- **Instructions to follow**: Take each line of the entries below that contains "OPENING" and copy it.

- **Input records**:

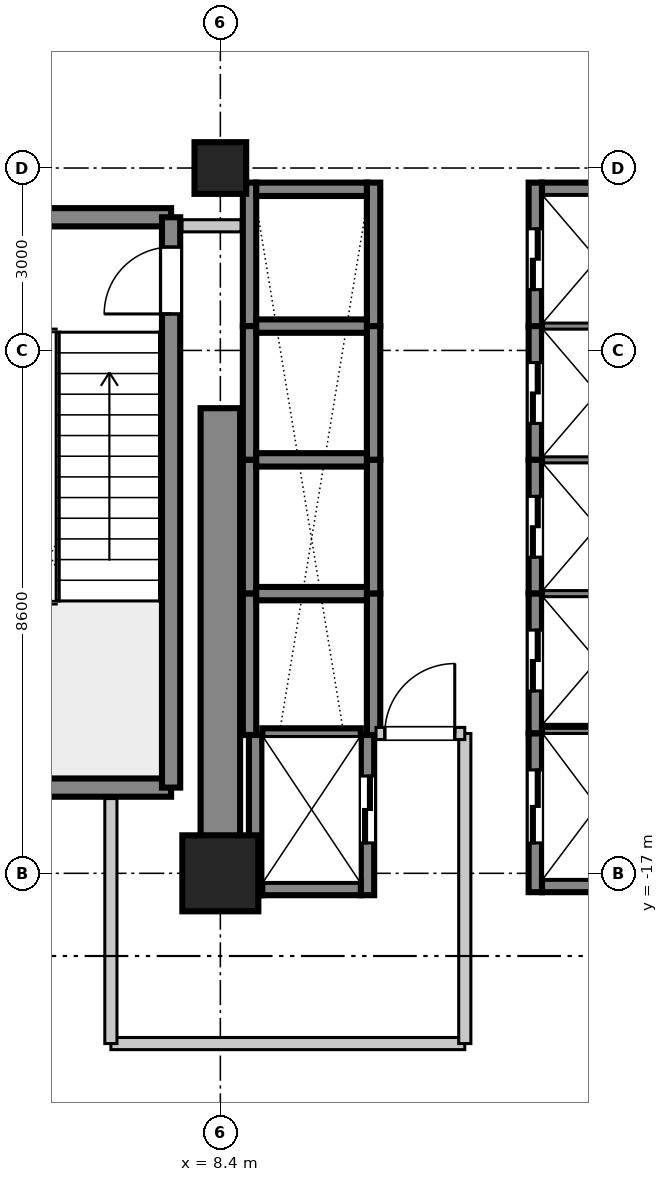
"""IFC4 building model, lengths in metres.
Left out: names, types, materials, properties, quantities, classifications, styles, units other than length and angle.
Written with IfcOpenShell. Run it as: python <this file> out.ifc"""

import sys

from ifc_helpers import new_model, si_unit, direction, frame, frame_2d, origin, origin_2d, place, context, subcontext, project, spatial, rectangle, extrude, source, transform, mapped, element, fill, save


model = new_model("IFC4")
c1 = context("Model", 3, precision=1e-05, world=origin(), true_north=direction((0.0, 1.0)))
c2 = subcontext(c1, "Body", "Model", "MODEL_VIEW")
j1 = project(units=[si_unit("LENGTHUNIT", "METRE"), si_unit("PLANEANGLEUNIT", "RADIAN")], contexts=[c1])
p1 = place(None, origin())
s1 = spatial("IfcSite", under=j1, at=p1, CompositionType="ELEMENT")
p2 = place(p1, origin())
s2 = spatial("IfcBuilding", under=s1, at=p2, CompositionType="ELEMENT")
p3 = place(p2, frame((0.0, 0.0, 144.2)))
s3 = spatial("IfcBuildingStorey", under=s2, at=p3, CompositionType="ELEMENT", Elevation=144.2)
m1 = source(origin(), c2, "Body", "SweptSolid", [
    extrude(rectangle(XDim=1.25, YDim=1.25, at=origin_2d()), origin(), (0.0, 0.0, 1.0), 4.755),
])
p4 = place(p3, frame((8.4, -17.0, 0.0), z_axis=(0.0, 0.0, 1.0), x_axis=(1.0, 0.0, 0.0)))
e1 = element("IfcColumn", 1, at=p4, inside=s3, PredefinedType="COLUMN", context=c2, shape_type="MappedRepresentation", body=[
    mapped(m1, transform((0.0, 0.0, 0.0), scale=1.0)),
])
m2 = source(origin(), c2, "Body", "SweptSolid", [
    extrude(rectangle(XDim=0.85, YDim=0.85, at=origin_2d()), origin(), (0.0, 0.0, 1.0), 4.755),
])
p5 = place(p3, frame((8.4, -5.4, 0.0), z_axis=(0.0, 0.0, 1.0), x_axis=(1.0, 0.0, 0.0)))
e2 = element("IfcColumn", 2, at=p5, inside=s3, PredefinedType="PILASTER", context=c2, shape_type="MappedRepresentation", body=[
    mapped(m2, transform((0.0, 0.0, 0.0), scale=1.0)),
])
m3 = source(origin(), c2, "Body", "SweptSolid", [
    extrude(rectangle(XDim=7.65, YDim=0.65, at=frame_2d((3.825, 0.0))), origin(), (0.0, 0.0, 1.0), 4.54),
])
p6 = place(p3, frame((8.4, -17.0, 0.0), z_axis=(0.0, 0.0, 1.0), x_axis=(0.0, 1.0, 0.0)))
e3 = element("IfcWall", 3, at=p6, inside=s3, PredefinedType="SHEAR", context=c2, shape_type="MappedRepresentation", body=[
    mapped(m3, transform((0.0, 0.0, 0.0), scale=1.0)),
])
m4 = source(origin(), c2, "Body", "SweptSolid", [
    extrude(rectangle(XDim=3.98, YDim=0.3, at=frame_2d((1.99, 0.0))), origin(), (0.0, 0.0, 1.0), 4.54),
])
for number, where, z_axis, x_axis in (
    (4, (3.61, -15.59, 0.0), (0.0, 0.0, 1.0), (1.0, 0.0, 0.0)),
    (5, (3.61, -6.21, 0.0), (0.0, 0.0, 1.0), (1.0, 0.0, 0.0)),
):
    element("IfcWall", number, at=place(p3, frame(where, z_axis=z_axis, x_axis=x_axis)), inside=s3, PredefinedType="SHEAR", context=c2, shape_type="MappedRepresentation", body=[
        mapped(m4, transform((0.0, 0.0, 0.0), scale=1.0)),
    ])
m5 = source(origin(), c2, "Body", "SweptSolid", [
    extrude(rectangle(XDim=9.38, YDim=0.3, at=frame_2d((4.69, 0.0))), origin(), (0.0, 0.0, 1.0), 4.54),
])
p7 = place(p3, frame((7.59, -15.59, 0.0), z_axis=(0.0, 0.0, 1.0), x_axis=(0.0, 1.0, 0.0)))
e6 = element("IfcWall", 6, at=p7, inside=s3, PredefinedType="SHEAR", context=c2, shape_type="MappedRepresentation", body=[
    mapped(m5, transform((0.0, 0.0, 0.0), scale=1.0)),
])
p8 = place(p7, frame((7.79, 0.0, 0.0)))
e7 = element("IfcOpeningElement", 7, at=p8, cuts=e6, PredefinedType="OPENING", context=c2, shape_type="SweptSolid", body=[
    extrude(rectangle(XDim=1.1, YDim=2.15, at=frame_2d((0.55, 1.075))), frame((0.0, 0.16, 0.0), z_axis=(0.0, -1.0, 0.0), x_axis=(1.0, 0.0, 0.0)), (0.0, 0.0, 1.0), 0.32),
])
m6 = source(origin(), c2, "Body", "SweptSolid", [
    extrude(rectangle(XDim=2.36, YDim=0.22, at=frame_2d((1.18, 0.0))), origin(), (0.0, 0.0, 1.0), 4.54),
])
p9 = place(p3, frame((13.58, -8.0, 0.0), z_axis=(0.0, 0.0, 1.0), x_axis=(0.0, 1.0, 0.0)))
e8 = element("IfcWall", 8, at=p9, inside=s3, PredefinedType="SHEAR", context=c2, shape_type="MappedRepresentation", body=[
    mapped(m6, transform((0.0, 0.0, 0.0), scale=1.0)),
])
p10 = place(p9, frame((0.6, 0.0, 0.0)))
e9 = element("IfcOpeningElement", 9, at=p10, cuts=e8, PredefinedType="OPENING", context=c2, shape_type="SweptSolid", body=[
    extrude(rectangle(XDim=1.0, YDim=2.2, at=frame_2d((0.5, 1.1))), frame((0.0, 0.12, 0.0), z_axis=(0.0, -1.0, 0.0), x_axis=(1.0, 0.0, 0.0)), (0.0, 0.0, 1.0), 0.24),
])
m7 = source(origin(), c2, "Body", "SweptSolid", [
    extrude(rectangle(XDim=1.82, YDim=0.22, at=frame_2d((0.91, 0.0))), origin(), (0.0, 0.0, 1.0), 4.54),
])
p11 = place(p3, frame((13.69, -5.75, 0.0), z_axis=(0.0, 0.0, 1.0), x_axis=(1.0, 0.0, 0.0)))
e10 = element("IfcWall", 10, at=p11, inside=s3, PredefinedType="SHEAR", context=c2, shape_type="MappedRepresentation", body=[
    mapped(m7, transform((0.0, 0.0, 0.0), scale=1.0)),
])
m8 = source(origin(), c2, "Body", "SweptSolid", [
    extrude(rectangle(XDim=2.2, YDim=0.22, at=frame_2d((1.1, 0.0))), origin(), (0.0, 0.0, 1.0), 4.54),
])
p12 = place(p3, frame((13.58, -10.2, 0.0), z_axis=(0.0, 0.0, 1.0), x_axis=(0.0, 1.0, 0.0)))
e11 = element("IfcWall", 11, at=p12, inside=s3, PredefinedType="SHEAR", context=c2, shape_type="MappedRepresentation", body=[
    mapped(m8, transform((0.0, 0.0, 0.0), scale=1.0)),
])
p13 = place(p12, frame((0.6, 0.0, 0.0)))
e12 = element("IfcOpeningElement", 12, at=p13, cuts=e11, PredefinedType="OPENING", context=c2, shape_type="SweptSolid", body=[
    extrude(rectangle(XDim=1.0, YDim=2.2, at=frame_2d((0.5, 1.1))), frame((0.0, 0.12, 0.0), z_axis=(0.0, -1.0, 0.0), x_axis=(1.0, 0.0, 0.0)), (0.0, 0.0, 1.0), 0.24),
])
m9 = source(origin(), c2, "Body", "SweptSolid", [
    extrude(rectangle(XDim=1.82, YDim=0.22, at=frame_2d((0.91, 0.0))), origin(), (0.0, 0.0, 1.0), 4.8),
])
p14 = place(p3, frame((13.69, -8.0, 0.0), z_axis=(0.0, 0.0, 1.0), x_axis=(1.0, 0.0, 0.0)))
e13 = element("IfcWall", 13, at=p14, inside=s3, PredefinedType="SHEAR", context=c2, shape_type="MappedRepresentation", body=[
    mapped(m9, transform((0.0, 0.0, 0.0), scale=1.0)),
])
p15 = place(p3, frame((13.58, -12.4, 0.0), z_axis=(0.0, 0.0, 1.0), x_axis=(0.0, 1.0, 0.0)))
e14 = element("IfcWall", 14, at=p15, inside=s3, PredefinedType="SHEAR", context=c2, shape_type="MappedRepresentation", body=[
    mapped(m8, transform((0.0, 0.0, 0.0), scale=1.0)),
])
p16 = place(p15, frame((0.6, 0.0, 0.0)))
e15 = element("IfcOpeningElement", 15, at=p16, cuts=e14, PredefinedType="OPENING", context=c2, shape_type="SweptSolid", body=[
    extrude(rectangle(XDim=1.0, YDim=2.2, at=frame_2d((0.5, 1.1))), frame((0.0, 0.12, 0.0), z_axis=(0.0, -1.0, 0.0), x_axis=(1.0, 0.0, 0.0)), (0.0, 0.0, 1.0), 0.24),
])
p17 = place(p3, frame((13.69, -10.2, 0.0), z_axis=(0.0, 0.0, 1.0), x_axis=(1.0, 0.0, 0.0)))
e16 = element("IfcWall", 16, at=p17, inside=s3, PredefinedType="SHEAR", context=c2, shape_type="MappedRepresentation", body=[
    mapped(m9, transform((0.0, 0.0, 0.0), scale=1.0)),
])
m10 = source(origin(), c2, "Body", "SweptSolid", [
    extrude(rectangle(XDim=2.3, YDim=0.22, at=frame_2d((1.15, 0.0))), origin(), (0.0, 0.0, 1.0), 4.54),
])
p18 = place(p3, frame((13.58, -14.7, 0.0), z_axis=(0.0, 0.0, 1.0), x_axis=(0.0, 1.0, 0.0)))
e17 = element("IfcWall", 17, at=p18, inside=s3, PredefinedType="SHEAR", context=c2, shape_type="MappedRepresentation", body=[
    mapped(m10, transform((0.0, 0.0, 0.0), scale=1.0)),
])
p19 = place(p18, frame((0.7, 0.0, 0.0)))
e18 = element("IfcOpeningElement", 18, at=p19, cuts=e17, PredefinedType="OPENING", context=c2, shape_type="SweptSolid", body=[
    extrude(rectangle(XDim=1.0, YDim=2.2, at=frame_2d((0.5, 1.1))), frame((0.0, 0.12, 0.0), z_axis=(0.0, -1.0, 0.0), x_axis=(1.0, 0.0, 0.0)), (0.0, 0.0, 1.0), 0.24),
])
p20 = place(p3, frame((13.69, -12.4, 0.0), z_axis=(0.0, 0.0, 1.0), x_axis=(1.0, 0.0, 0.0)))
e19 = element("IfcWall", 19, at=p20, inside=s3, PredefinedType="SHEAR", context=c2, shape_type="MappedRepresentation", body=[
    mapped(m9, transform((0.0, 0.0, 0.0), scale=1.0)),
])
for number, where, z_axis, x_axis in (
    (20, (8.88, -8.0, 0.0), (0.0, 0.0, 1.0), (0.0, 1.0, 0.0)),
    (21, (10.92, -8.0, 0.0), (0.0, 0.0, 1.0), (0.0, 1.0, 0.0)),
):
    element("IfcWall", number, at=place(p3, frame(where, z_axis=z_axis, x_axis=x_axis)), inside=s3, PredefinedType="SHEAR", context=c2, shape_type="MappedRepresentation", body=[
        mapped(m6, transform((0.0, 0.0, 0.0), scale=1.0)),
    ])
p21 = place(p3, frame((8.99, -5.75, 0.0), z_axis=(0.0, 0.0, 1.0), x_axis=(1.0, 0.0, 0.0)))
e22 = element("IfcWall", 22, at=p21, inside=s3, PredefinedType="SHEAR", context=c2, shape_type="MappedRepresentation", body=[
    mapped(m7, transform((0.0, 0.0, 0.0), scale=1.0)),
])
for number, where, z_axis, x_axis in (
    (23, (8.88, -10.2, 0.0), (0.0, 0.0, 1.0), (0.0, 1.0, 0.0)),
    (24, (10.92, -10.2, 0.0), (0.0, 0.0, 1.0), (0.0, 1.0, 0.0)),
):
    element("IfcWall", number, at=place(p3, frame(where, z_axis=z_axis, x_axis=x_axis)), inside=s3, PredefinedType="SHEAR", context=c2, shape_type="MappedRepresentation", body=[
        mapped(m8, transform((0.0, 0.0, 0.0), scale=1.0)),
    ])
p22 = place(p3, frame((8.99, -8.0, 0.0), z_axis=(0.0, 0.0, 1.0), x_axis=(1.0, 0.0, 0.0)))
e25 = element("IfcWall", 25, at=p22, inside=s3, PredefinedType="SHEAR", context=c2, shape_type="MappedRepresentation", body=[
    mapped(m9, transform((0.0, 0.0, 0.0), scale=1.0)),
])
for number, where, z_axis, x_axis in (
    (26, (8.88, -12.4, 0.0), (0.0, 0.0, 1.0), (0.0, 1.0, 0.0)),
    (27, (10.92, -12.4, 0.0), (0.0, 0.0, 1.0), (0.0, 1.0, 0.0)),
):
    element("IfcWall", number, at=place(p3, frame(where, z_axis=z_axis, x_axis=x_axis)), inside=s3, PredefinedType="SHEAR", context=c2, shape_type="MappedRepresentation", body=[
        mapped(m8, transform((0.0, 0.0, 0.0), scale=1.0)),
    ])
p23 = place(p3, frame((8.99, -10.2, 0.0), z_axis=(0.0, 0.0, 1.0), x_axis=(1.0, 0.0, 0.0)))
e28 = element("IfcWall", 28, at=p23, inside=s3, PredefinedType="SHEAR", context=c2, shape_type="MappedRepresentation", body=[
    mapped(m9, transform((0.0, 0.0, 0.0), scale=1.0)),
])
m11 = source(origin(), c2, "Body", "SweptSolid", [
    extrude(rectangle(XDim=2.325, YDim=0.22, at=frame_2d((1.163, 0.0))), origin(), (0.0, 0.0, 1.0), 4.54),
])
for number, where, z_axis, x_axis in (
    (29, (8.88, -14.725, 0.0), (0.0, 0.0, 1.0), (0.0, 1.0, 0.0)),
    (30, (10.92, -14.725, 0.0), (0.0, 0.0, 1.0), (0.0, 1.0, 0.0)),
):
    element("IfcWall", number, at=place(p3, frame(where, z_axis=z_axis, x_axis=x_axis)), inside=s3, PredefinedType="SHEAR", context=c2, shape_type="MappedRepresentation", body=[
        mapped(m11, transform((0.0, 0.0, 0.0), scale=1.0)),
    ])
p24 = place(p3, frame((8.99, -12.4, 0.0), z_axis=(0.0, 0.0, 1.0), x_axis=(1.0, 0.0, 0.0)))
e31 = element("IfcWall", 31, at=p24, inside=s3, PredefinedType="SHEAR", context=c2, shape_type="MappedRepresentation", body=[
    mapped(m9, transform((0.0, 0.0, 0.0), scale=1.0)),
])
m12 = source(origin(), c2, "Body", "SweptSolid", [
    extrude(rectangle(XDim=2.635, YDim=0.22, at=frame_2d((1.317, 0.0))), origin(), (0.0, 0.0, 1.0), 4.54),
])
p25 = place(p3, frame((8.98, -17.36, 0.0), z_axis=(0.0, 0.0, 1.0), x_axis=(0.0, 1.0, 0.0)))
e32 = element("IfcWall", 32, at=p25, inside=s3, PredefinedType="SHEAR", context=c2, shape_type="MappedRepresentation", body=[
    mapped(m12, transform((0.0, 0.0, 0.0), scale=1.0)),
])
p26 = place(p3, frame((10.82, -17.36, 0.0), z_axis=(0.0, 0.0, 1.0), x_axis=(0.0, 1.0, 0.0)))
e33 = element("IfcWall", 33, at=p26, inside=s3, PredefinedType="SHEAR", context=c2, shape_type="MappedRepresentation", body=[
    mapped(m12, transform((0.0, 0.0, 0.0), scale=1.0)),
])
p27 = place(p26, frame((0.86, 0.0, 0.0)))
e34 = element("IfcOpeningElement", 34, at=p27, cuts=e33, PredefinedType="OPENING", context=c2, shape_type="SweptSolid", body=[
    extrude(rectangle(XDim=1.1, YDim=2.2, at=frame_2d((0.55, 1.1))), frame((0.0, 0.12, 0.0), z_axis=(0.0, -1.0, 0.0), x_axis=(1.0, 0.0, 0.0)), (0.0, 0.0, 1.0), 0.24),
])
m13 = source(origin(), c2, "Body", "SweptSolid", [
    extrude(rectangle(XDim=1.62, YDim=0.22, at=frame_2d((0.81, 0.0))), origin(), (0.0, 0.0, 1.0), 4.54),
])
p28 = place(p3, frame((9.09, -17.25, 0.0), z_axis=(0.0, 0.0, 1.0), x_axis=(1.0, 0.0, 0.0)))
e35 = element("IfcWall", 35, at=p28, inside=s3, PredefinedType="SHEAR", context=c2, shape_type="MappedRepresentation", body=[
    mapped(m13, transform((0.0, 0.0, 0.0), scale=1.0)),
])
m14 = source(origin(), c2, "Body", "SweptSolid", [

- **Result below**:
e7 = element("IfcOpeningElement", 7, at=p8, cuts=e6, PredefinedType="OPENING", context=c2, shape_type="SweptSolid", body=[
e9 = element("IfcOpeningElement", 9, at=p10, cuts=e8, PredefinedType="OPENING", context=c2, shape_type="SweptSolid", body=[
e12 = element("IfcOpeningElement", 12, at=p13, cuts=e11, PredefinedType="OPENING", context=c2, shape_type="SweptSolid", body=[
e15 = element("IfcOpeningElement", 15, at=p16, cuts=e14, PredefinedType="OPENING", context=c2, shape_type="SweptSolid", body=[
e18 = element("IfcOpeningElement", 18, at=p19, cuts=e17, PredefinedType="OPENING", context=c2, shape_type="SweptSolid", body=[
e34 = element("IfcOpeningElement", 34, at=p27, cuts=e33, PredefinedType="OPENING", context=c2, shape_type="SweptSolid", body=[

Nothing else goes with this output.